WHAT NEEDS TO BE DONE: Determine how many lines in the data below contain "subcontext" and write only that number.

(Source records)
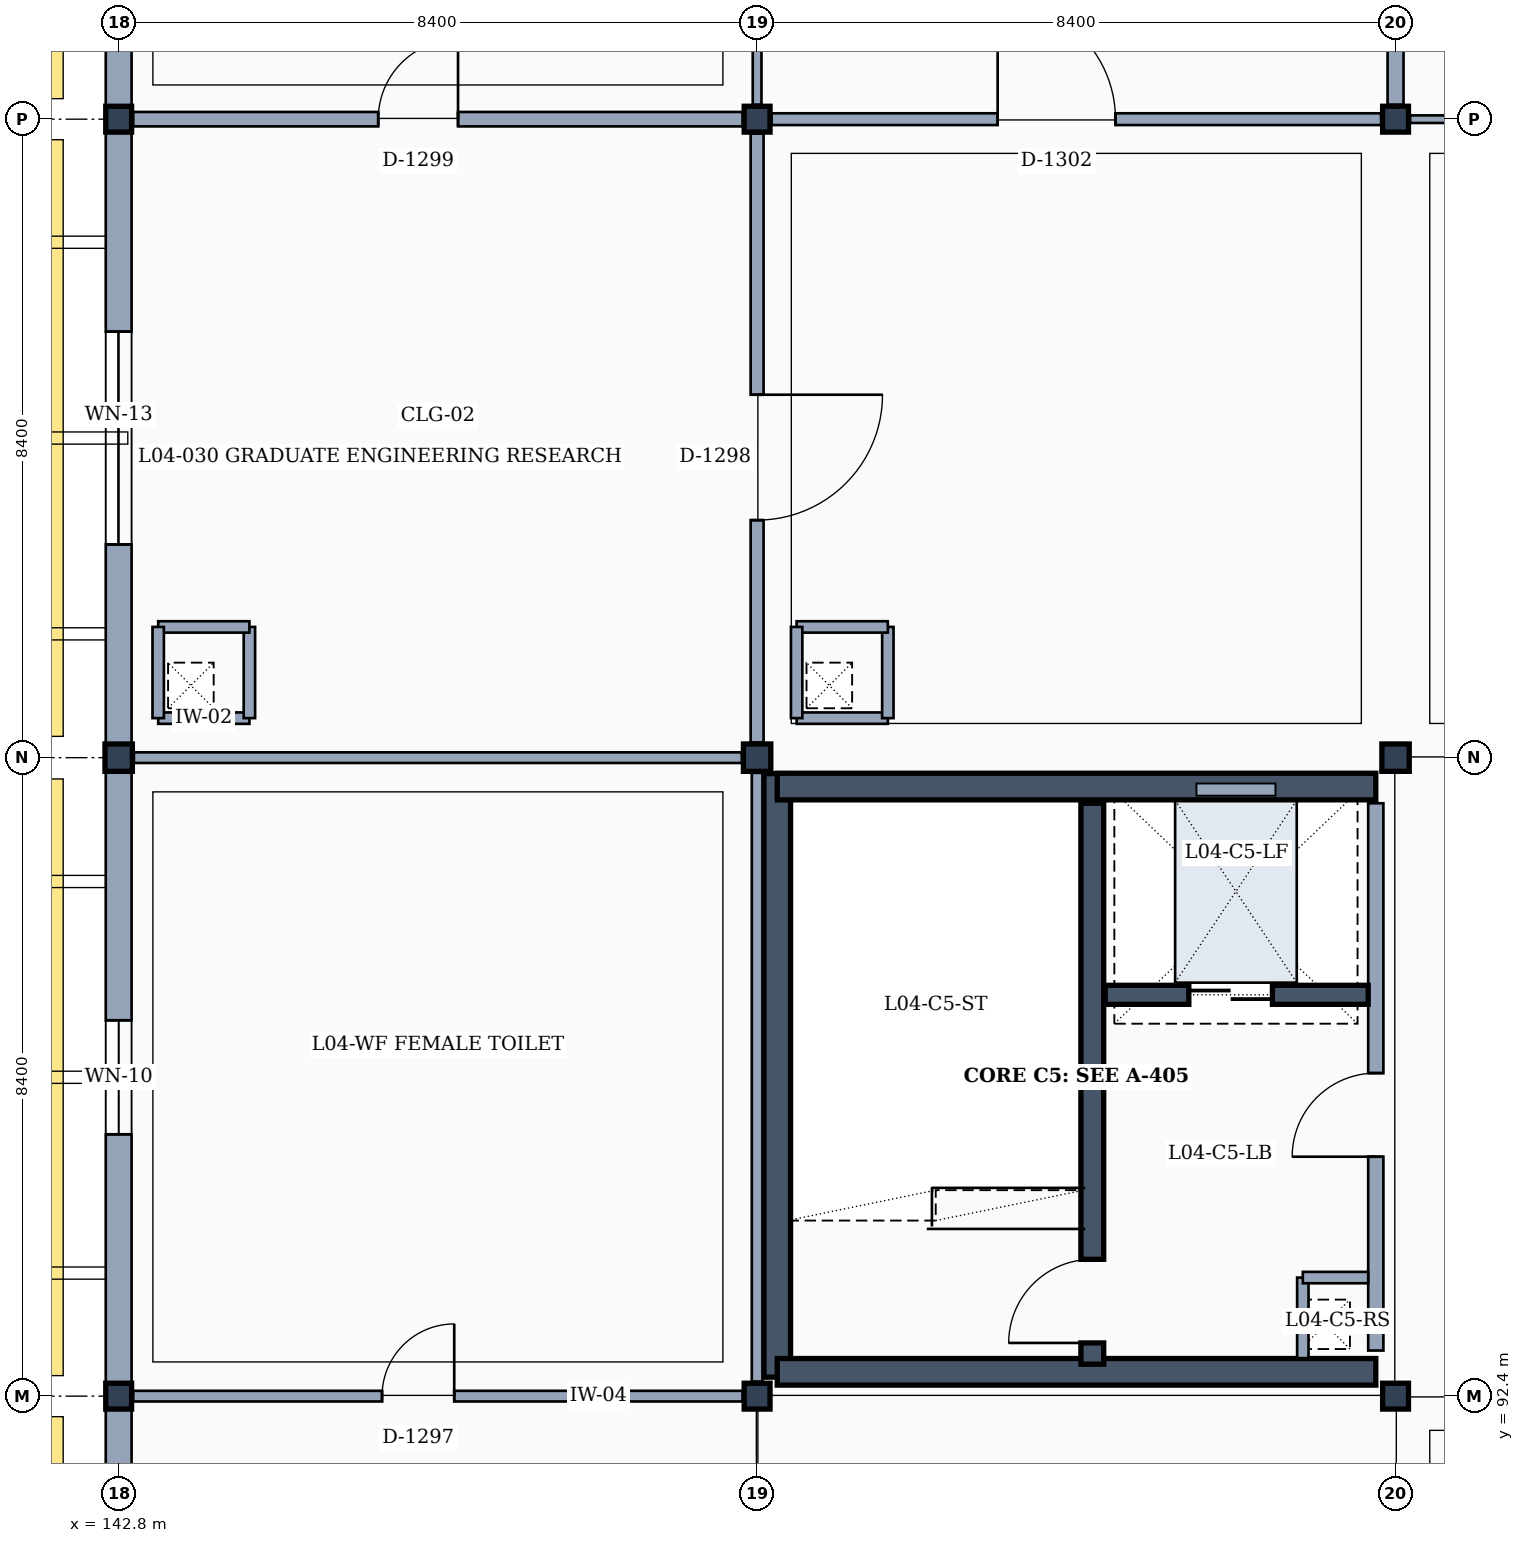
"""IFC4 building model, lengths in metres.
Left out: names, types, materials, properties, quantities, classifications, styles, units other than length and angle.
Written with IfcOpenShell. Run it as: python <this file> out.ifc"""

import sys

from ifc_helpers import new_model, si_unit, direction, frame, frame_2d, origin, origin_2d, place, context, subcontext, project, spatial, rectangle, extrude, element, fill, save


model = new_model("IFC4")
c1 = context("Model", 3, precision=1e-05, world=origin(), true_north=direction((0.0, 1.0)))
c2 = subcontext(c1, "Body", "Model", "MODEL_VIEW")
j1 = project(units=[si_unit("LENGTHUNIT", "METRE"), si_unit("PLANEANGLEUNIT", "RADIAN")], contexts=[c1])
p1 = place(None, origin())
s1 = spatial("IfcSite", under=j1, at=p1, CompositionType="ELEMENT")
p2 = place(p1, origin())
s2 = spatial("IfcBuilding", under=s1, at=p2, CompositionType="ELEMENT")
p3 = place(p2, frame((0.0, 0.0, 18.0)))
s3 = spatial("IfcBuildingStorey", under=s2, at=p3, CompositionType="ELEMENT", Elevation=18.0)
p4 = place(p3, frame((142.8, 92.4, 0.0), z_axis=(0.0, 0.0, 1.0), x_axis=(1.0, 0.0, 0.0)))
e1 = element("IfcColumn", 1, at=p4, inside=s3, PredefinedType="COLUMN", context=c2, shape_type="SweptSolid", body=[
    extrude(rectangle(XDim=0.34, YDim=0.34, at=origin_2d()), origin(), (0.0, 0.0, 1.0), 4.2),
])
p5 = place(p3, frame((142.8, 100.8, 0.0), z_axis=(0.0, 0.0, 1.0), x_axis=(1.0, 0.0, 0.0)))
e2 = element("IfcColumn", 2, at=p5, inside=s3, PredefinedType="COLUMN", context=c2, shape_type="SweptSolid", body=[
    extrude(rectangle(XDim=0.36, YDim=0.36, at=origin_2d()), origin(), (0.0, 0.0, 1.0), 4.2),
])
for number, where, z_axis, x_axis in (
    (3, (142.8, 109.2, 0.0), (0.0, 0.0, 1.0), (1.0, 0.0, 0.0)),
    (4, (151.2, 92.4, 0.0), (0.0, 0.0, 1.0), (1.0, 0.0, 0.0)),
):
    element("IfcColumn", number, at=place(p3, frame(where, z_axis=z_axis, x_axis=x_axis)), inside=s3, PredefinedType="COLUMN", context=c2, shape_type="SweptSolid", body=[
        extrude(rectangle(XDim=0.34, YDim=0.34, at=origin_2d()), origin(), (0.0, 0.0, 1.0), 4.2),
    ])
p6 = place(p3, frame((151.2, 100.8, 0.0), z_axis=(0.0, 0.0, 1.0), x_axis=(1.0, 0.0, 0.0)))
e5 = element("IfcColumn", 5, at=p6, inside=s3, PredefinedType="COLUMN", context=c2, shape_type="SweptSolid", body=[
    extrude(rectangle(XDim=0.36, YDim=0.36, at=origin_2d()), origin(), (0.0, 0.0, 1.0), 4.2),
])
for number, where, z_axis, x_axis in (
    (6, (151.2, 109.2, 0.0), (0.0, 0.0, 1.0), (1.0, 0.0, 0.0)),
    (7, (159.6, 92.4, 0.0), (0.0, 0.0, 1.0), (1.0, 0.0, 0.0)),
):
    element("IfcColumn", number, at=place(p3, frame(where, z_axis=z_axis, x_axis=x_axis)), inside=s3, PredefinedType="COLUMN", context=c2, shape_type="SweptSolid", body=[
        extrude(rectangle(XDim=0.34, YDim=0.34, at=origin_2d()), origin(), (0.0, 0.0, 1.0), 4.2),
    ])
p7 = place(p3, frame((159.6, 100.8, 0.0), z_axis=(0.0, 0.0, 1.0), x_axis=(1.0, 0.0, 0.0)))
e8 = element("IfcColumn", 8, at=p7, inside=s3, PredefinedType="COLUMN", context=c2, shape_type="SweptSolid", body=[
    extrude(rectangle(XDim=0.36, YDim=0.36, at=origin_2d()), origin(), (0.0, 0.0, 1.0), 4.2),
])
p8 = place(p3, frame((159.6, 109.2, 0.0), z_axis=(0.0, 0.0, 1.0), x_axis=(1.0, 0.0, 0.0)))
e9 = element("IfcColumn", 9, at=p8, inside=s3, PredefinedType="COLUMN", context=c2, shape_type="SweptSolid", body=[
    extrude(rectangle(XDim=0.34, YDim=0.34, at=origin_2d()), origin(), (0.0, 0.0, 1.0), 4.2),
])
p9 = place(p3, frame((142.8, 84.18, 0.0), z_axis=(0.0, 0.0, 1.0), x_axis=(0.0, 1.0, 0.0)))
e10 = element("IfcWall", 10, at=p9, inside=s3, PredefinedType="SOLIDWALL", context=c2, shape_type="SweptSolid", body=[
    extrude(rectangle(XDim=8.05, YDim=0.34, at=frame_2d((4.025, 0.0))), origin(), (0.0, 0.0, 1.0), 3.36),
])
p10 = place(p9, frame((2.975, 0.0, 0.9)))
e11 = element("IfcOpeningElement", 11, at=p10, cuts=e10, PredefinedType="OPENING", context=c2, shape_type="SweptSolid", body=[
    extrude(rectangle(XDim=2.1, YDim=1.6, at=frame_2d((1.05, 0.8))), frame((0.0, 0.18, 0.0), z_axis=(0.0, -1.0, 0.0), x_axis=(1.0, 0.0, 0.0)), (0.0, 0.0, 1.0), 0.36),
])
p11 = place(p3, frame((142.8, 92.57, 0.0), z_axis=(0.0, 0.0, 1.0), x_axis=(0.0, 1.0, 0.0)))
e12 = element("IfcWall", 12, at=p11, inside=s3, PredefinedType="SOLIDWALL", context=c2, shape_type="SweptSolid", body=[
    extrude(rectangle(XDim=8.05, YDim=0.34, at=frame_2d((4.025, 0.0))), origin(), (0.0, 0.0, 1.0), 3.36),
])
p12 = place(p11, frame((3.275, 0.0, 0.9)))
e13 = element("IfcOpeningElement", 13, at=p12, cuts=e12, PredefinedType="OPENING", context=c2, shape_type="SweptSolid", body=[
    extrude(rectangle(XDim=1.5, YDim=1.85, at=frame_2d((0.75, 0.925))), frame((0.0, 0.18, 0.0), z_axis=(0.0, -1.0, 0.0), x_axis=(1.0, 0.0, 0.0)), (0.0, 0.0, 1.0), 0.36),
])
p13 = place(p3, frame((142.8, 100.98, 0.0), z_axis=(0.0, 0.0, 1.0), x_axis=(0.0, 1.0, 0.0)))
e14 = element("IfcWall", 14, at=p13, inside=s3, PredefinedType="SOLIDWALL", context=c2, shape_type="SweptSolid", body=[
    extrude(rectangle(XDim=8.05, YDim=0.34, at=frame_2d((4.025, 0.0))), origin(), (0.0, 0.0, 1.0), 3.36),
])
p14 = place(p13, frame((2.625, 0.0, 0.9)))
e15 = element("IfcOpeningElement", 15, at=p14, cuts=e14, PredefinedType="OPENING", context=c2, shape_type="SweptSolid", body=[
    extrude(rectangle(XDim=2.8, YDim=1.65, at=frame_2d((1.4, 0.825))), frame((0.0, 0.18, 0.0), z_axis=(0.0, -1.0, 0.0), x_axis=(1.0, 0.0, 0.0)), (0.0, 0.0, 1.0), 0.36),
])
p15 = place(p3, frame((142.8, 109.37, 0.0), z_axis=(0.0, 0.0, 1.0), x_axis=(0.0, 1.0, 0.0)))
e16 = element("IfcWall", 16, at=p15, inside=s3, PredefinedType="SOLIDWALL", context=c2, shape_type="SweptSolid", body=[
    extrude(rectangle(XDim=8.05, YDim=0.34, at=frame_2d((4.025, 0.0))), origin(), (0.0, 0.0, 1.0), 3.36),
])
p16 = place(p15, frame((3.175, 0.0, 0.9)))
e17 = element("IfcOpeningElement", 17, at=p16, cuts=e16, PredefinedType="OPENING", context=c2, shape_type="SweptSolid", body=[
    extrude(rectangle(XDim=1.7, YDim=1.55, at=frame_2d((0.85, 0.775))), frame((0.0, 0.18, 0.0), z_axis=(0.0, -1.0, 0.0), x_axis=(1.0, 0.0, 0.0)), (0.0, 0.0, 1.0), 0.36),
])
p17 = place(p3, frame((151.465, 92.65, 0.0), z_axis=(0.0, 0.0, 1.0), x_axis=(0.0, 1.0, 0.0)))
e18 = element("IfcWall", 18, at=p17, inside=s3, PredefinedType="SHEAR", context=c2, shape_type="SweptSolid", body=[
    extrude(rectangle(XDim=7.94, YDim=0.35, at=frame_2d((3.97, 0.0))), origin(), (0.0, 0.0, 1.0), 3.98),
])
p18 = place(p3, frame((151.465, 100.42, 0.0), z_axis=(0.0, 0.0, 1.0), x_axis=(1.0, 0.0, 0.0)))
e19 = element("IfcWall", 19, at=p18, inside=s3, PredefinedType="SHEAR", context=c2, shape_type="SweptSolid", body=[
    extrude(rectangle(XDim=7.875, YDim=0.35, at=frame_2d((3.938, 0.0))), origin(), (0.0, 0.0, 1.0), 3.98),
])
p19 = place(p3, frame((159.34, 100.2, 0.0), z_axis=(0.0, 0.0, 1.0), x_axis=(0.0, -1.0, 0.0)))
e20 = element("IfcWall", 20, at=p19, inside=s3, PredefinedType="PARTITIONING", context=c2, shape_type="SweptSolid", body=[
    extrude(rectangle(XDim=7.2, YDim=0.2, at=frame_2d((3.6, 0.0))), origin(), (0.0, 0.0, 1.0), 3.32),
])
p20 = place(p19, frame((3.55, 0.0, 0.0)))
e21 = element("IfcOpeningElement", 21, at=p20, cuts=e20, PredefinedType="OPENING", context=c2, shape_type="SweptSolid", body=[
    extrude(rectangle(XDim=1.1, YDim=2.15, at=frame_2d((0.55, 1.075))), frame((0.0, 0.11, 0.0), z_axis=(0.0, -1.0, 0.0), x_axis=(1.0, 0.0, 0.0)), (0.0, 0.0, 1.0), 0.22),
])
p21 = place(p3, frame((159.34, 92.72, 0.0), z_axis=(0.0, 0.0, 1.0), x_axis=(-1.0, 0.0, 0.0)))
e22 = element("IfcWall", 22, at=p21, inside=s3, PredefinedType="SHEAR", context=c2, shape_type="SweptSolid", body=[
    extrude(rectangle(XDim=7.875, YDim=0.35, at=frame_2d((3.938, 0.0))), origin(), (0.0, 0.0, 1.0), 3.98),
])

SOLUTION TO THIS EXERCISE: 2